GOAL OF THE EXERCISE:
If a line below contains the string "OverallWidth", return that line.

=== Begin Enclosure ===

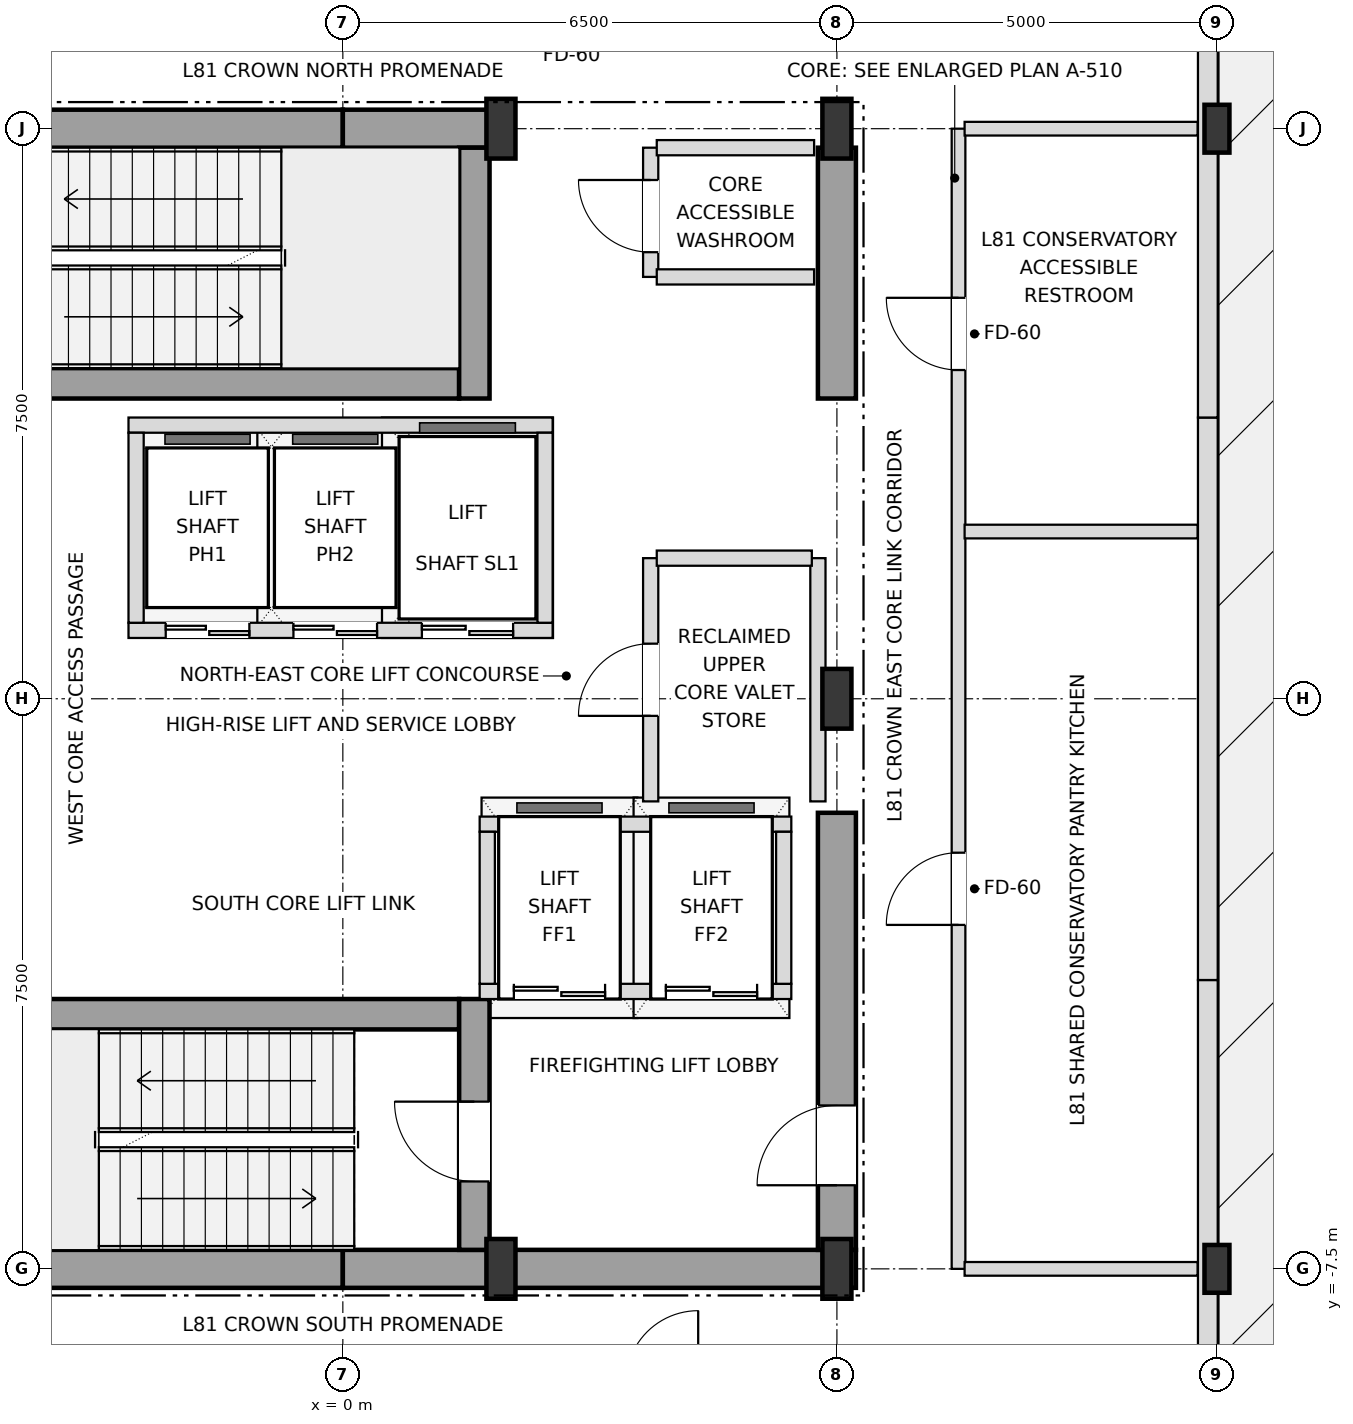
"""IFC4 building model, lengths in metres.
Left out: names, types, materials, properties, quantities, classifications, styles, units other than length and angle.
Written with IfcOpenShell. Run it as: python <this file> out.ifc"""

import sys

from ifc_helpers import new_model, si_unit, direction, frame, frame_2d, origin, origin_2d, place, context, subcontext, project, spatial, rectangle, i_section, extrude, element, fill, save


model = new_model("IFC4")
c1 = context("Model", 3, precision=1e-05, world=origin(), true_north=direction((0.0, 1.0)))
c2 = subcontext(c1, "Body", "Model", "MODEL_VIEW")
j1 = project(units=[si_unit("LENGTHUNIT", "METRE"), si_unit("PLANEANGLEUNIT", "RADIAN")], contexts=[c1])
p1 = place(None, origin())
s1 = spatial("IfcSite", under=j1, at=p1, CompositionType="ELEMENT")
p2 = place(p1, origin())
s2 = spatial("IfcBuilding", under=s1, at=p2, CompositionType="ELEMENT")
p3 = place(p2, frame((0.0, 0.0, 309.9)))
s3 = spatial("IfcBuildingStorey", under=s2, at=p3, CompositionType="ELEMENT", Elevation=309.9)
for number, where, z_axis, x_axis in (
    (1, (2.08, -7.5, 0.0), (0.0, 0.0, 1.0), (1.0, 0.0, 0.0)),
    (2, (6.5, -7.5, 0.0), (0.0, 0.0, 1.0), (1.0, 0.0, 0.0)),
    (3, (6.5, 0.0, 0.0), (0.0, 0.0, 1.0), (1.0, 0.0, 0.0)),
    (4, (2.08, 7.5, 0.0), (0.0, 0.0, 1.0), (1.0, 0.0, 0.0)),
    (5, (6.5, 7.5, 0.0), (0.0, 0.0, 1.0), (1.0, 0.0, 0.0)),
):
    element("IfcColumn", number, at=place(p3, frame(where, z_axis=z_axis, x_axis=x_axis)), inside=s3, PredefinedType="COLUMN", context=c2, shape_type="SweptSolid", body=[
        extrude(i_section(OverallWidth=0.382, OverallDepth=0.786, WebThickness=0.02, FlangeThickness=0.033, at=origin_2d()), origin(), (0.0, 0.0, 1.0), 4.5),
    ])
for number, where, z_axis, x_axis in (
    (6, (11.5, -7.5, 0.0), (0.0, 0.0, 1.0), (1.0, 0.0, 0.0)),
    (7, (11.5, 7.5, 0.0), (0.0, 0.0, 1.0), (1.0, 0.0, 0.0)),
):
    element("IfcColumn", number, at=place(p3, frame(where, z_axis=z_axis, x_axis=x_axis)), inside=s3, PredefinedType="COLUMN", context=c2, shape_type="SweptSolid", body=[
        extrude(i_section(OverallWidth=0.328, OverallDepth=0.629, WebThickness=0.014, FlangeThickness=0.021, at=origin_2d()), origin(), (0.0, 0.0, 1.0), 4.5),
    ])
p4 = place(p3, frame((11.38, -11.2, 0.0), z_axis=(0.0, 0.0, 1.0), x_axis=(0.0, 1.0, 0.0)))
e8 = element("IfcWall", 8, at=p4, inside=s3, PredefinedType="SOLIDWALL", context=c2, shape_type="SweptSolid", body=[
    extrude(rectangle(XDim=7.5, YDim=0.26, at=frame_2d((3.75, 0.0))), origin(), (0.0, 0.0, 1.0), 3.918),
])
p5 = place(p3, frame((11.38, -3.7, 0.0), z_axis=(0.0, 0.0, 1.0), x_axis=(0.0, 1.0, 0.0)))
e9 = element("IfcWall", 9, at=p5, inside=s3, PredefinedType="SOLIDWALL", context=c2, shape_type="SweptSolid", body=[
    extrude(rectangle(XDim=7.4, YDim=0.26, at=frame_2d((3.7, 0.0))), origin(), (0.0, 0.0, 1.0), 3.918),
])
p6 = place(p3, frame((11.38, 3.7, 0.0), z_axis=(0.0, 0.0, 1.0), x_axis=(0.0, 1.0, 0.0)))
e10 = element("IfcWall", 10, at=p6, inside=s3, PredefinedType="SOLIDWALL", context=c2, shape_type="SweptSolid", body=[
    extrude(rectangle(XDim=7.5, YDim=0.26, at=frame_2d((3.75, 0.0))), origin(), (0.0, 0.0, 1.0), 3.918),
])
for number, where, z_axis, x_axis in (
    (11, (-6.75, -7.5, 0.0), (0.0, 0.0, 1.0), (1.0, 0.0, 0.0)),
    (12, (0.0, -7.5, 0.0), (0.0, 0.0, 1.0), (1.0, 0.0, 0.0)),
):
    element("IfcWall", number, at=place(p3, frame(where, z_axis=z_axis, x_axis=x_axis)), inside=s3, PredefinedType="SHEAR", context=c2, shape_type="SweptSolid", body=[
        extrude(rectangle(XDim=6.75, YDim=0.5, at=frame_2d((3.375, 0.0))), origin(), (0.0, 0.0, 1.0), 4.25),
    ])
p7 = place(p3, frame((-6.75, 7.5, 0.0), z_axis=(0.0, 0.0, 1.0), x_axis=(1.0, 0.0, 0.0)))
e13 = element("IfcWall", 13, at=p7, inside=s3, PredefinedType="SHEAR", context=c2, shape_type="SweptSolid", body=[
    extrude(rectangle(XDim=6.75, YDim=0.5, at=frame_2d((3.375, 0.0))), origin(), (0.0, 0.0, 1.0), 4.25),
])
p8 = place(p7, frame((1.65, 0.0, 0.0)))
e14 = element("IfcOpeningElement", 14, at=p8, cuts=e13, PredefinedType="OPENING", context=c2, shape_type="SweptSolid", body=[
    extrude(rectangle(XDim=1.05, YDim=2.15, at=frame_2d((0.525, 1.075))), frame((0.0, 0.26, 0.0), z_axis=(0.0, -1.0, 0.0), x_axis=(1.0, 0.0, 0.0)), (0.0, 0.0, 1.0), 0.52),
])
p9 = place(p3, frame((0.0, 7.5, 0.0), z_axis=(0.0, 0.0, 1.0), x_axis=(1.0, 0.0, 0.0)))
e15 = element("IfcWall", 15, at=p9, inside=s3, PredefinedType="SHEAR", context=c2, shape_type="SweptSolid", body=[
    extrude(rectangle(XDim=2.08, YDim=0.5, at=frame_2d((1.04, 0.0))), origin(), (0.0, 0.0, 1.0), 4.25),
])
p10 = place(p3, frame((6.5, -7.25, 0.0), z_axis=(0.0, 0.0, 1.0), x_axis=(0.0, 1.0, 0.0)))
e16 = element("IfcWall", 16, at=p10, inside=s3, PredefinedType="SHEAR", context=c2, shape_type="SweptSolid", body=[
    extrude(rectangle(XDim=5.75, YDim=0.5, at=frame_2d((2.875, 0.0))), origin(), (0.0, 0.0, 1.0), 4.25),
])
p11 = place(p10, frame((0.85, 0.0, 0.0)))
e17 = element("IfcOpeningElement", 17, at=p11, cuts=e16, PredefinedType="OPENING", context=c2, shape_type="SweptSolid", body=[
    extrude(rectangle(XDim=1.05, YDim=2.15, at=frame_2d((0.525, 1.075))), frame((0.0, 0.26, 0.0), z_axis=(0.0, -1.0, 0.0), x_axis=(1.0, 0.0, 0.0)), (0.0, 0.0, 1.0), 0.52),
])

=== End Enclosure ===

RESULT OF THE EXERCISE:
        extrude(i_section(OverallWidth=0.382, OverallDepth=0.786, WebThickness=0.02, FlangeThickness=0.033, at=origin_2d()), origin(), (0.0, 0.0, 1.0), 4.5),
        extrude(i_section(OverallWidth=0.328, OverallDepth=0.629, WebThickness=0.014, FlangeThickness=0.021, at=origin_2d()), origin(), (0.0, 0.0, 1.0), 4.5),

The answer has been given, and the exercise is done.